*Required action*
For the entries below, say how many lines include the word "save" and add nothing else.

Data entries:
************

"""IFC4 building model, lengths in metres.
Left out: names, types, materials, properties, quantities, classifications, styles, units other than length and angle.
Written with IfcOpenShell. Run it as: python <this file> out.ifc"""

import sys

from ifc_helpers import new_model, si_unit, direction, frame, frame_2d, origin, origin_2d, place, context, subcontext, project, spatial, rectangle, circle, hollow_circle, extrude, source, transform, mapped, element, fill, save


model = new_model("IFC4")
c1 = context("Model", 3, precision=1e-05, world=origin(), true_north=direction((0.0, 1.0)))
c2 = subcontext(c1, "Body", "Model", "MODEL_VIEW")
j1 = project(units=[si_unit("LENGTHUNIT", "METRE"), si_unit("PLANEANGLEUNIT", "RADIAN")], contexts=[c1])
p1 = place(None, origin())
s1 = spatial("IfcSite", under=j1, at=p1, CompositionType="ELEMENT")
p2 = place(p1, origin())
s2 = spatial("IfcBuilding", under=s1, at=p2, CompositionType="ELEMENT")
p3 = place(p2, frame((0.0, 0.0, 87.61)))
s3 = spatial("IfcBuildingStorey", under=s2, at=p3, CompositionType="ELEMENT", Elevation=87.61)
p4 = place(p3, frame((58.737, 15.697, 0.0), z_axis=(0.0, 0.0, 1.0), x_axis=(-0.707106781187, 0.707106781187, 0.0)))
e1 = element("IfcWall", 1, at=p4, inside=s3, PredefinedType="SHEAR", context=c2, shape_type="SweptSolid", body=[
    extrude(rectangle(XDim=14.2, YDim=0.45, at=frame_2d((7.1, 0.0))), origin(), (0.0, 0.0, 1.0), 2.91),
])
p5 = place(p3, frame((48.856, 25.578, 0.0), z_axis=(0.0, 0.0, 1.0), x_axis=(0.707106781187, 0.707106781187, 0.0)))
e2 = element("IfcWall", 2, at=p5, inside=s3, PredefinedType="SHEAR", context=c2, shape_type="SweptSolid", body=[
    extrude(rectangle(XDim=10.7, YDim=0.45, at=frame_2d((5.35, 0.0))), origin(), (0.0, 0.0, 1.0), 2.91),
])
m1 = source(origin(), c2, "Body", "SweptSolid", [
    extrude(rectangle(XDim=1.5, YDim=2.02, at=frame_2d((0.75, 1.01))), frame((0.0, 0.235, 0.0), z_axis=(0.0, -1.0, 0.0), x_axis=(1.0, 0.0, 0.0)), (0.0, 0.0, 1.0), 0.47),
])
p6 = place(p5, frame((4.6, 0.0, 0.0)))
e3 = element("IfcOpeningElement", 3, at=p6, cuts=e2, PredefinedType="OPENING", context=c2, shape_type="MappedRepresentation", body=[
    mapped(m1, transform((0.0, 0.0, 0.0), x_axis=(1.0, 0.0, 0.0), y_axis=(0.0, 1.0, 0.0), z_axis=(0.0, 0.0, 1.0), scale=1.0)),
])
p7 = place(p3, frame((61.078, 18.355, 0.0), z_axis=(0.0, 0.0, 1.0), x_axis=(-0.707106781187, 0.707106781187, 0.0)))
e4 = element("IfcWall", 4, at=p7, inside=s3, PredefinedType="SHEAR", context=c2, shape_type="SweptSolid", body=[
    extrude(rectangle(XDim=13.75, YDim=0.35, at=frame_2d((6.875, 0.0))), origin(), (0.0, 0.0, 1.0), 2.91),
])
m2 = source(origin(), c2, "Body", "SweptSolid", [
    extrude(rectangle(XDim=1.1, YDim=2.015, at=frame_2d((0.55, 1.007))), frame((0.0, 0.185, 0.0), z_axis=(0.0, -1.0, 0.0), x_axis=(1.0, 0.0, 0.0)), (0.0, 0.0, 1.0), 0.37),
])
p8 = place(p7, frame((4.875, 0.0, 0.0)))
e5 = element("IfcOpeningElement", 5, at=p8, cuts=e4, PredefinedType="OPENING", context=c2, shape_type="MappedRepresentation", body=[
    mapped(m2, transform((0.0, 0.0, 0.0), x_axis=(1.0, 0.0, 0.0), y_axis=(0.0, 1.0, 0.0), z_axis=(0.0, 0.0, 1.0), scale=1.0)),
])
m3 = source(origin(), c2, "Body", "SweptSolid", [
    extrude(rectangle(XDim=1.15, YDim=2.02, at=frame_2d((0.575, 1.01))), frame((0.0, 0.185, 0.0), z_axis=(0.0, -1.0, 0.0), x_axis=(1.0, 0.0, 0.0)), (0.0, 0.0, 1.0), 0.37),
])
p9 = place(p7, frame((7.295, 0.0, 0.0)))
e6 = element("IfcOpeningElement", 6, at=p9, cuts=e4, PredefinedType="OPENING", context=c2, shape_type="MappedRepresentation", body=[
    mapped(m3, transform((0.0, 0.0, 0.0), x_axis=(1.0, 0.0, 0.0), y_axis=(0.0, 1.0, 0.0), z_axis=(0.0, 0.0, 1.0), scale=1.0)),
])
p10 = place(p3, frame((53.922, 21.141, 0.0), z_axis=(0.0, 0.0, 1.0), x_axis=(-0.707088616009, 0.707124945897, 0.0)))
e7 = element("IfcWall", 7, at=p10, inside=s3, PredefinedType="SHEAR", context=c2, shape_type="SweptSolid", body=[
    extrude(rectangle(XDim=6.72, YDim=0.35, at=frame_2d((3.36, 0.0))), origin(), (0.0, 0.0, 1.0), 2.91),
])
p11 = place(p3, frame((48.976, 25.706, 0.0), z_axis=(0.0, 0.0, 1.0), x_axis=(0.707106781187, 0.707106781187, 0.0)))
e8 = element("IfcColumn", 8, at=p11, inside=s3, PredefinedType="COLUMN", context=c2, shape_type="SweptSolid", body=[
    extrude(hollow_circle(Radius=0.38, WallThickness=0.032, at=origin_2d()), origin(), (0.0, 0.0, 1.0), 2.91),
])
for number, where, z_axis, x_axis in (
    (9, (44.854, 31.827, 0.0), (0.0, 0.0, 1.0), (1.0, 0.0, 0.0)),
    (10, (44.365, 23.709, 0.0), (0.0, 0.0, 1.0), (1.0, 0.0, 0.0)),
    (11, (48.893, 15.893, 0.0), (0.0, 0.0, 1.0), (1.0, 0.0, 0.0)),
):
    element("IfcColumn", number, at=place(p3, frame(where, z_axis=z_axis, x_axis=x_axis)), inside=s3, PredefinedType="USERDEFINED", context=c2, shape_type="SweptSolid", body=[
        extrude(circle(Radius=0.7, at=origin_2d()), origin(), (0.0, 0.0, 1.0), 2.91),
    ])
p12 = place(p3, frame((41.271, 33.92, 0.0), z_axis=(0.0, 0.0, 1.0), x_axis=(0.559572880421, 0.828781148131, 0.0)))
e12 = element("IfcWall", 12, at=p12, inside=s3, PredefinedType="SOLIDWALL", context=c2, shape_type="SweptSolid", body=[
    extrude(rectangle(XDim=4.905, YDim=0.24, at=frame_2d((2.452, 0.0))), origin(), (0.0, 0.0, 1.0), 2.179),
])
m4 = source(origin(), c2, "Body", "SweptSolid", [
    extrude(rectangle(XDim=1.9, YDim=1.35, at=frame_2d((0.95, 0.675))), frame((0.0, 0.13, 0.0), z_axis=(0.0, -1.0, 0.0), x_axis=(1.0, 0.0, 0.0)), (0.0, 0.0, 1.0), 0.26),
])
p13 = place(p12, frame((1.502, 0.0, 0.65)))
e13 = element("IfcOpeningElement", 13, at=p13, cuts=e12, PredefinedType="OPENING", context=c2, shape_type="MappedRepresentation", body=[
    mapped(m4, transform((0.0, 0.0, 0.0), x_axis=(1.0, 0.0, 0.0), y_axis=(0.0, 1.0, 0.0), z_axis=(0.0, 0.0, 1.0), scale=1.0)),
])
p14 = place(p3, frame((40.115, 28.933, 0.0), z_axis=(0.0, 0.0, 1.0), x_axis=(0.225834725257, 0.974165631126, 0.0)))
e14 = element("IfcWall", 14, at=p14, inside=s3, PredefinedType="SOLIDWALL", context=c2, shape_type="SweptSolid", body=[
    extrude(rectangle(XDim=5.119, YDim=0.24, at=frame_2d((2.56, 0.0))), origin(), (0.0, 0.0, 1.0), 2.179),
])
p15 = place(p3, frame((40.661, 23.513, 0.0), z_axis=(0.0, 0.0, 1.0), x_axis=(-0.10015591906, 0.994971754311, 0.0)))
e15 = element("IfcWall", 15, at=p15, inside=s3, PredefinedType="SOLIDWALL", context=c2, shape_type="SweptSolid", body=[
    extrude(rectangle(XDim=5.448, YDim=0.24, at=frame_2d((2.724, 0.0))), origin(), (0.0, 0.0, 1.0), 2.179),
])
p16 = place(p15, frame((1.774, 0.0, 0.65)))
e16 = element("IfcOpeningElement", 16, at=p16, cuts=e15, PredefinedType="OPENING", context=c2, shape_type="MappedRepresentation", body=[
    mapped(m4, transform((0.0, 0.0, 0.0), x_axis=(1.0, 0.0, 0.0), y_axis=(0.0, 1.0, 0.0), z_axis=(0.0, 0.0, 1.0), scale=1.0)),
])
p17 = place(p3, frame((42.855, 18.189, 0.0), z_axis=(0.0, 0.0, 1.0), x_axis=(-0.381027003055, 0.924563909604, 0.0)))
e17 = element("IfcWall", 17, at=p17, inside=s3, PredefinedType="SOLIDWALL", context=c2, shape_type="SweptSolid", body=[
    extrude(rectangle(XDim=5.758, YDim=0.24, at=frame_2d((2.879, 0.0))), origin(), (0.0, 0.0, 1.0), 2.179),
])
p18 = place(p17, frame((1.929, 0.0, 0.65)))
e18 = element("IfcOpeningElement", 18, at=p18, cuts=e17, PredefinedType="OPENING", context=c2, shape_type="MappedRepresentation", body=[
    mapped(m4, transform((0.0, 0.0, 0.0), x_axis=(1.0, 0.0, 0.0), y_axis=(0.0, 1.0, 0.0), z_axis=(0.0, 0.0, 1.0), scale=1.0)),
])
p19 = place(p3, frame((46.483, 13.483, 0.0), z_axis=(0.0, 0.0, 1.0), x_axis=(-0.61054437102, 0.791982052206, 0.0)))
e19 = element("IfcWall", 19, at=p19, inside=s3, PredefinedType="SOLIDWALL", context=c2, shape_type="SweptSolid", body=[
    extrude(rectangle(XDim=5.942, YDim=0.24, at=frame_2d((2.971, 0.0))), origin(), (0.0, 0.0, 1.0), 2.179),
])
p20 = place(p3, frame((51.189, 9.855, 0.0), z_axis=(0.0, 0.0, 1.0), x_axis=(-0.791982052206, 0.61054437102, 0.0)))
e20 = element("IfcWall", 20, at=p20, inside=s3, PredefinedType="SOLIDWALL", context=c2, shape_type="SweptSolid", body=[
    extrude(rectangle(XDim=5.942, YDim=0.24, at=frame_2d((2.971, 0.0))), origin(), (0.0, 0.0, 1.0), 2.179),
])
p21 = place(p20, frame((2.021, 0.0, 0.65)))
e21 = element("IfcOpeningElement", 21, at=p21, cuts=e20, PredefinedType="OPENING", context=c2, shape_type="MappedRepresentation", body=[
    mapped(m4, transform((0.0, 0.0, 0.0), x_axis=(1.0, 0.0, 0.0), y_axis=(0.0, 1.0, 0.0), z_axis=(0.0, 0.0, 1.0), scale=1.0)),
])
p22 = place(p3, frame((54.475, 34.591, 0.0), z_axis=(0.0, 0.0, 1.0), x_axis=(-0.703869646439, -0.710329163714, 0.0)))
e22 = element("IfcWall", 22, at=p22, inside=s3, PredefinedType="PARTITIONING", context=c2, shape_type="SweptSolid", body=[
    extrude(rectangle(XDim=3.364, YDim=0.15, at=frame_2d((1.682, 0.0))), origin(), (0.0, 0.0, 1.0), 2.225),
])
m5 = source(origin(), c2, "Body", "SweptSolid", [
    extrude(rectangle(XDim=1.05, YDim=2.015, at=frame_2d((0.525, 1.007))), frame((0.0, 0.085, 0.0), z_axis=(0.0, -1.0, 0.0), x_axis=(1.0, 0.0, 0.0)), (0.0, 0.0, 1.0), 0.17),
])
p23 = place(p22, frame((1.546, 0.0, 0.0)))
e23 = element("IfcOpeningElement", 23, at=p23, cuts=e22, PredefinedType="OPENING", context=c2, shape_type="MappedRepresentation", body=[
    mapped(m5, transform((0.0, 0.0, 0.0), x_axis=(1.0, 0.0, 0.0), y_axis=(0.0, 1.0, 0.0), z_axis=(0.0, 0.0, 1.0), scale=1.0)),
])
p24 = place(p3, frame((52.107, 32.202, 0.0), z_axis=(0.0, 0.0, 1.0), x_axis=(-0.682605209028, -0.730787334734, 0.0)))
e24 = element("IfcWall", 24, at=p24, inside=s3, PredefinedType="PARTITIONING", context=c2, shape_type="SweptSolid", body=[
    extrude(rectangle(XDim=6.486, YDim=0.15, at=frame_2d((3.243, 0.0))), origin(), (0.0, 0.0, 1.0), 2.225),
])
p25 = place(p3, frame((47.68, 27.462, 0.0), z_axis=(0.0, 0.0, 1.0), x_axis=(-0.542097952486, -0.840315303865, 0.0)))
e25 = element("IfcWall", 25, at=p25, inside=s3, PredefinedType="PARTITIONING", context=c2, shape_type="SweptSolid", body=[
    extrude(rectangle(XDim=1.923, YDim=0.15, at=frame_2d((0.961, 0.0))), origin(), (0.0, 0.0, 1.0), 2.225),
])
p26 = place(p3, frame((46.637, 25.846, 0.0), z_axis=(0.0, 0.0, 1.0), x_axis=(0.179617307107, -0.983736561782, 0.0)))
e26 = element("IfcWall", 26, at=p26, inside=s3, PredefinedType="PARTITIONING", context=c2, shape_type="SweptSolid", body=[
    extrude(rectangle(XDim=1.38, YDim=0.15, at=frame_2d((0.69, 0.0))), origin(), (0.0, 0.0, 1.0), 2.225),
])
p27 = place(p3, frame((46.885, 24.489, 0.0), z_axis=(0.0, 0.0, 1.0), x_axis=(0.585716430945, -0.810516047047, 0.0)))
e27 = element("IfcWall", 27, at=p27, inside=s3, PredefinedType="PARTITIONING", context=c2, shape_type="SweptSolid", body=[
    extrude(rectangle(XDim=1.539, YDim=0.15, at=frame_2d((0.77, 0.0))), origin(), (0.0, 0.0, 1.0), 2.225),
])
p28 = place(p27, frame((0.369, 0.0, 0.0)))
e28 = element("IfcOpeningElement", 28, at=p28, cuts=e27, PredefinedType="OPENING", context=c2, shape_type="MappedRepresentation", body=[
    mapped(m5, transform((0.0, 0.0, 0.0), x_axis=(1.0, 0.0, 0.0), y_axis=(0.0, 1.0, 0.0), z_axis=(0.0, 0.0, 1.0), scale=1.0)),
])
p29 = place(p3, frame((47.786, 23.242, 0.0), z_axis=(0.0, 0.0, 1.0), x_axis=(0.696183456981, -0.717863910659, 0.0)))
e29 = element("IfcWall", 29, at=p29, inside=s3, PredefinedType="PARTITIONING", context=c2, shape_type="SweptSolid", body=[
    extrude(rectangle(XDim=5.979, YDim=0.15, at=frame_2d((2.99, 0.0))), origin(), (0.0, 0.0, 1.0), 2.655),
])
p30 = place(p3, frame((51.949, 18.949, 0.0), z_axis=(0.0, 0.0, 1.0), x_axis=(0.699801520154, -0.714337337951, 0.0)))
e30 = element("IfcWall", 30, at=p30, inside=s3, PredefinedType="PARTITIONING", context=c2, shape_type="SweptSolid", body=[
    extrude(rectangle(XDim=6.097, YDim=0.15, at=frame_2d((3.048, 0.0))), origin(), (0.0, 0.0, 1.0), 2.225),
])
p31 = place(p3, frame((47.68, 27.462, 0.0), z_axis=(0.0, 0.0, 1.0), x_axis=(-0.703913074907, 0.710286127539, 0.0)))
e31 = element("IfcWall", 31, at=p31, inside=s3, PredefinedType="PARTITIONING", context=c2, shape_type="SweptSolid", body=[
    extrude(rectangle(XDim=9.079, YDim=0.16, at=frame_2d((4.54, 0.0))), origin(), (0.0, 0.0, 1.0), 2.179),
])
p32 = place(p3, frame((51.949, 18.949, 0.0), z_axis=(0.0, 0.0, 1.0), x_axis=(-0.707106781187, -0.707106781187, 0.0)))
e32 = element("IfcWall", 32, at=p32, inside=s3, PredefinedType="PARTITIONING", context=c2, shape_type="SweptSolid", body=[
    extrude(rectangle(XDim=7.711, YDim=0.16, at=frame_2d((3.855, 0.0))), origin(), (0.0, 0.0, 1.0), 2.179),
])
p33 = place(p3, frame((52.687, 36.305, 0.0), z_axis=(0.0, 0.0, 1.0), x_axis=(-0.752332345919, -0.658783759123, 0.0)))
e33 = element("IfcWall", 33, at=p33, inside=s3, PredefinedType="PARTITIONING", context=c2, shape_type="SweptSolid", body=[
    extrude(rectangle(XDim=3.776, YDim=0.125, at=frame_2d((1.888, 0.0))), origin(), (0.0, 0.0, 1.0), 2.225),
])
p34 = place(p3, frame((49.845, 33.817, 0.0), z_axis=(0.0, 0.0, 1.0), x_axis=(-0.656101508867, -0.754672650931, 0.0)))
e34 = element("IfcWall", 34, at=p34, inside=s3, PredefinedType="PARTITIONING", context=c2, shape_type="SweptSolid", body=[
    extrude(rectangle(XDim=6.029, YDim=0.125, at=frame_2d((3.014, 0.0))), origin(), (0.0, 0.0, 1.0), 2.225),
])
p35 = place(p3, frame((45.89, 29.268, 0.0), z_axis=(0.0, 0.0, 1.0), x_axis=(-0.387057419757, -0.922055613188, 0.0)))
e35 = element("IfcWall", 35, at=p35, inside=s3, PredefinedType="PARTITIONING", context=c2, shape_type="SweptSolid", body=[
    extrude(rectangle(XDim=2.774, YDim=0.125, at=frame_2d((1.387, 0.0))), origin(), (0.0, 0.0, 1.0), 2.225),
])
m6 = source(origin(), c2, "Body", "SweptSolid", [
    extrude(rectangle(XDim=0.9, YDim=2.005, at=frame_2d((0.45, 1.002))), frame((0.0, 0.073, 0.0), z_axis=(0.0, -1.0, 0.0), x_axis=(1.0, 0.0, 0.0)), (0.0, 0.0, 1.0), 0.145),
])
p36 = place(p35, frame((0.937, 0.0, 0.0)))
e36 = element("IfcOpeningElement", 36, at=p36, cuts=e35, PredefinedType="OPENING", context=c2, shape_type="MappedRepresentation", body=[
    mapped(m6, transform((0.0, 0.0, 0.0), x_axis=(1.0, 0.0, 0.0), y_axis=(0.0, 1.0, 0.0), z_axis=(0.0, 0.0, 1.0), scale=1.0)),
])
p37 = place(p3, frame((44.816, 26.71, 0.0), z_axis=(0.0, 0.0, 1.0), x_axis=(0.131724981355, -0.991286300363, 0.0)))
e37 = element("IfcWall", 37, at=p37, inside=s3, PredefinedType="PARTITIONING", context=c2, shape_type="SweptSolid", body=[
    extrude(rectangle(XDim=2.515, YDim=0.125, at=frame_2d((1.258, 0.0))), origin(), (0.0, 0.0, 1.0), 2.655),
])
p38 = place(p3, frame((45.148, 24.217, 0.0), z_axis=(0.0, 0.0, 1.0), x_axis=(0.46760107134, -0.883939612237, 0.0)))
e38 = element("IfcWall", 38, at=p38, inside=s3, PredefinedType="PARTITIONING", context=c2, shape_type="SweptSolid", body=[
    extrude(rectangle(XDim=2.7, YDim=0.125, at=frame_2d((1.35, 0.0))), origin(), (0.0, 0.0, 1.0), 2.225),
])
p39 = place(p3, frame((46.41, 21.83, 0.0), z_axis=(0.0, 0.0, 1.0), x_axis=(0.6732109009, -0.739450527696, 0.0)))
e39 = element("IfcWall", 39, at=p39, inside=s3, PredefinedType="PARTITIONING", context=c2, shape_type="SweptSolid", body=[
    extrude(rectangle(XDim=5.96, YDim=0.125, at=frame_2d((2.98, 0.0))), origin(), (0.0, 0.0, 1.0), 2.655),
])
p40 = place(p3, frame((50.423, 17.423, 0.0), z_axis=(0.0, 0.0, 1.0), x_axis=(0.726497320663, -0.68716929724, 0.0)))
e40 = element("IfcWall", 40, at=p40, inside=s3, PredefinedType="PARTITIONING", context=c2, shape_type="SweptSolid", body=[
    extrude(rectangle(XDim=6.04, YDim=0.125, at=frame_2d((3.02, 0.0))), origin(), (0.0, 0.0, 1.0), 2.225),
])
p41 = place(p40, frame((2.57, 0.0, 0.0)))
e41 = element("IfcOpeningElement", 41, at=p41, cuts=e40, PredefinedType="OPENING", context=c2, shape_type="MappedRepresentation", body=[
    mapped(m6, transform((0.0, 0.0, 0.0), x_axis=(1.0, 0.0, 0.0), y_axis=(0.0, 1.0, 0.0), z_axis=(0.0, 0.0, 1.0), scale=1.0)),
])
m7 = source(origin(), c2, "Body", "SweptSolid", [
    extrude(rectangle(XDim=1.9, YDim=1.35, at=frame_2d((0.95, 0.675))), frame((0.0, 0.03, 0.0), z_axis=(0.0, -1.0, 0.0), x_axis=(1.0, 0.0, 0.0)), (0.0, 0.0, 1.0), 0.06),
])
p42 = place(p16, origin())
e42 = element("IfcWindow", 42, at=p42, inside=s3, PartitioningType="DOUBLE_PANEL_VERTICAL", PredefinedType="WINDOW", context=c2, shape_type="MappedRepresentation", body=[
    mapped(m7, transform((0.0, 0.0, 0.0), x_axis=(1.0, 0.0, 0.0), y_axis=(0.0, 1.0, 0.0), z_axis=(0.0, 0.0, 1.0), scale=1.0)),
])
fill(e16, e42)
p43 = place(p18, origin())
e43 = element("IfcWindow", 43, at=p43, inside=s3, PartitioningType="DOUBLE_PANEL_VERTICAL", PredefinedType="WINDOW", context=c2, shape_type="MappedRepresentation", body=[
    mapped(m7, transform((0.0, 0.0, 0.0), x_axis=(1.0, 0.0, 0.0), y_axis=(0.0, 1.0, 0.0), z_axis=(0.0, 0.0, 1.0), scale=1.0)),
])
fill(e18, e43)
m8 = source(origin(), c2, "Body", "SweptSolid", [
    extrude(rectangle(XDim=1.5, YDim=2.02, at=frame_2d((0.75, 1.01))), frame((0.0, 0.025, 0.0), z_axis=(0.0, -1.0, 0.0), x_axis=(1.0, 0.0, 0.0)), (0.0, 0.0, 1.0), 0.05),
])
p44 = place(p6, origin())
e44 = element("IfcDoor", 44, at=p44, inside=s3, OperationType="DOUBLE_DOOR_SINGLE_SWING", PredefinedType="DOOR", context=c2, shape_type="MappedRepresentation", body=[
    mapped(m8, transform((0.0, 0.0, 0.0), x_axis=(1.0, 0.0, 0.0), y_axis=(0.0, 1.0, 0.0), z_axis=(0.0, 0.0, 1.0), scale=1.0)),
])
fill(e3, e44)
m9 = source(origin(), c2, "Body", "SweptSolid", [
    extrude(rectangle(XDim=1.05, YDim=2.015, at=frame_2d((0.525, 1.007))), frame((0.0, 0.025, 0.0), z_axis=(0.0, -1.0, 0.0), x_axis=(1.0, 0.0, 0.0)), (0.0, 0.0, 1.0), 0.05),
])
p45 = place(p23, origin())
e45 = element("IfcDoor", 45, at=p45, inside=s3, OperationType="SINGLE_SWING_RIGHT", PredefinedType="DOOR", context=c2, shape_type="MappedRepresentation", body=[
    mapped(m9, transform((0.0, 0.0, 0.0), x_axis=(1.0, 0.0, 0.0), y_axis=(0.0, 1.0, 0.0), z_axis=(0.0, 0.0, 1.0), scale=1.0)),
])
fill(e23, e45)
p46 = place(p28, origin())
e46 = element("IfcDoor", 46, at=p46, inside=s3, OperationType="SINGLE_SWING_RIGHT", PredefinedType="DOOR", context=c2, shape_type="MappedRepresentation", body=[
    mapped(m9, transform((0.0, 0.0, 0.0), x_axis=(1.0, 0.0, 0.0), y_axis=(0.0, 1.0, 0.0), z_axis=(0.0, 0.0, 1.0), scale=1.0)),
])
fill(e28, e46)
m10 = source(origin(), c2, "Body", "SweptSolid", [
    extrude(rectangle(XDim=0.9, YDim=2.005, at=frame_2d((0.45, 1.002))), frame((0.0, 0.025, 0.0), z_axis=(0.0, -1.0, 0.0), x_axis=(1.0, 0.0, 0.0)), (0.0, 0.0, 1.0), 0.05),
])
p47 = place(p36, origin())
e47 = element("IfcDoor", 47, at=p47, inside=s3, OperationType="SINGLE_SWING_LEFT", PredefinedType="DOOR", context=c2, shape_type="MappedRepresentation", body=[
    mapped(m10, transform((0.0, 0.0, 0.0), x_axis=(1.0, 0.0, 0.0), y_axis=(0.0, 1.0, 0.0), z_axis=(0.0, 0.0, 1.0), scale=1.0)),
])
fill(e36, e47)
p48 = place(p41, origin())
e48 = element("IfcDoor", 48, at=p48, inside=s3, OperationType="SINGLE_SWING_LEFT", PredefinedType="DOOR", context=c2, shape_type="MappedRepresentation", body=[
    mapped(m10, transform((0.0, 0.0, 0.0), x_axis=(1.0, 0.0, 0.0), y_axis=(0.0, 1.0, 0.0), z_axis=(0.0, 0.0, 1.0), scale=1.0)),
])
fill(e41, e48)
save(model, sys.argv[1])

************

*Answer section*
2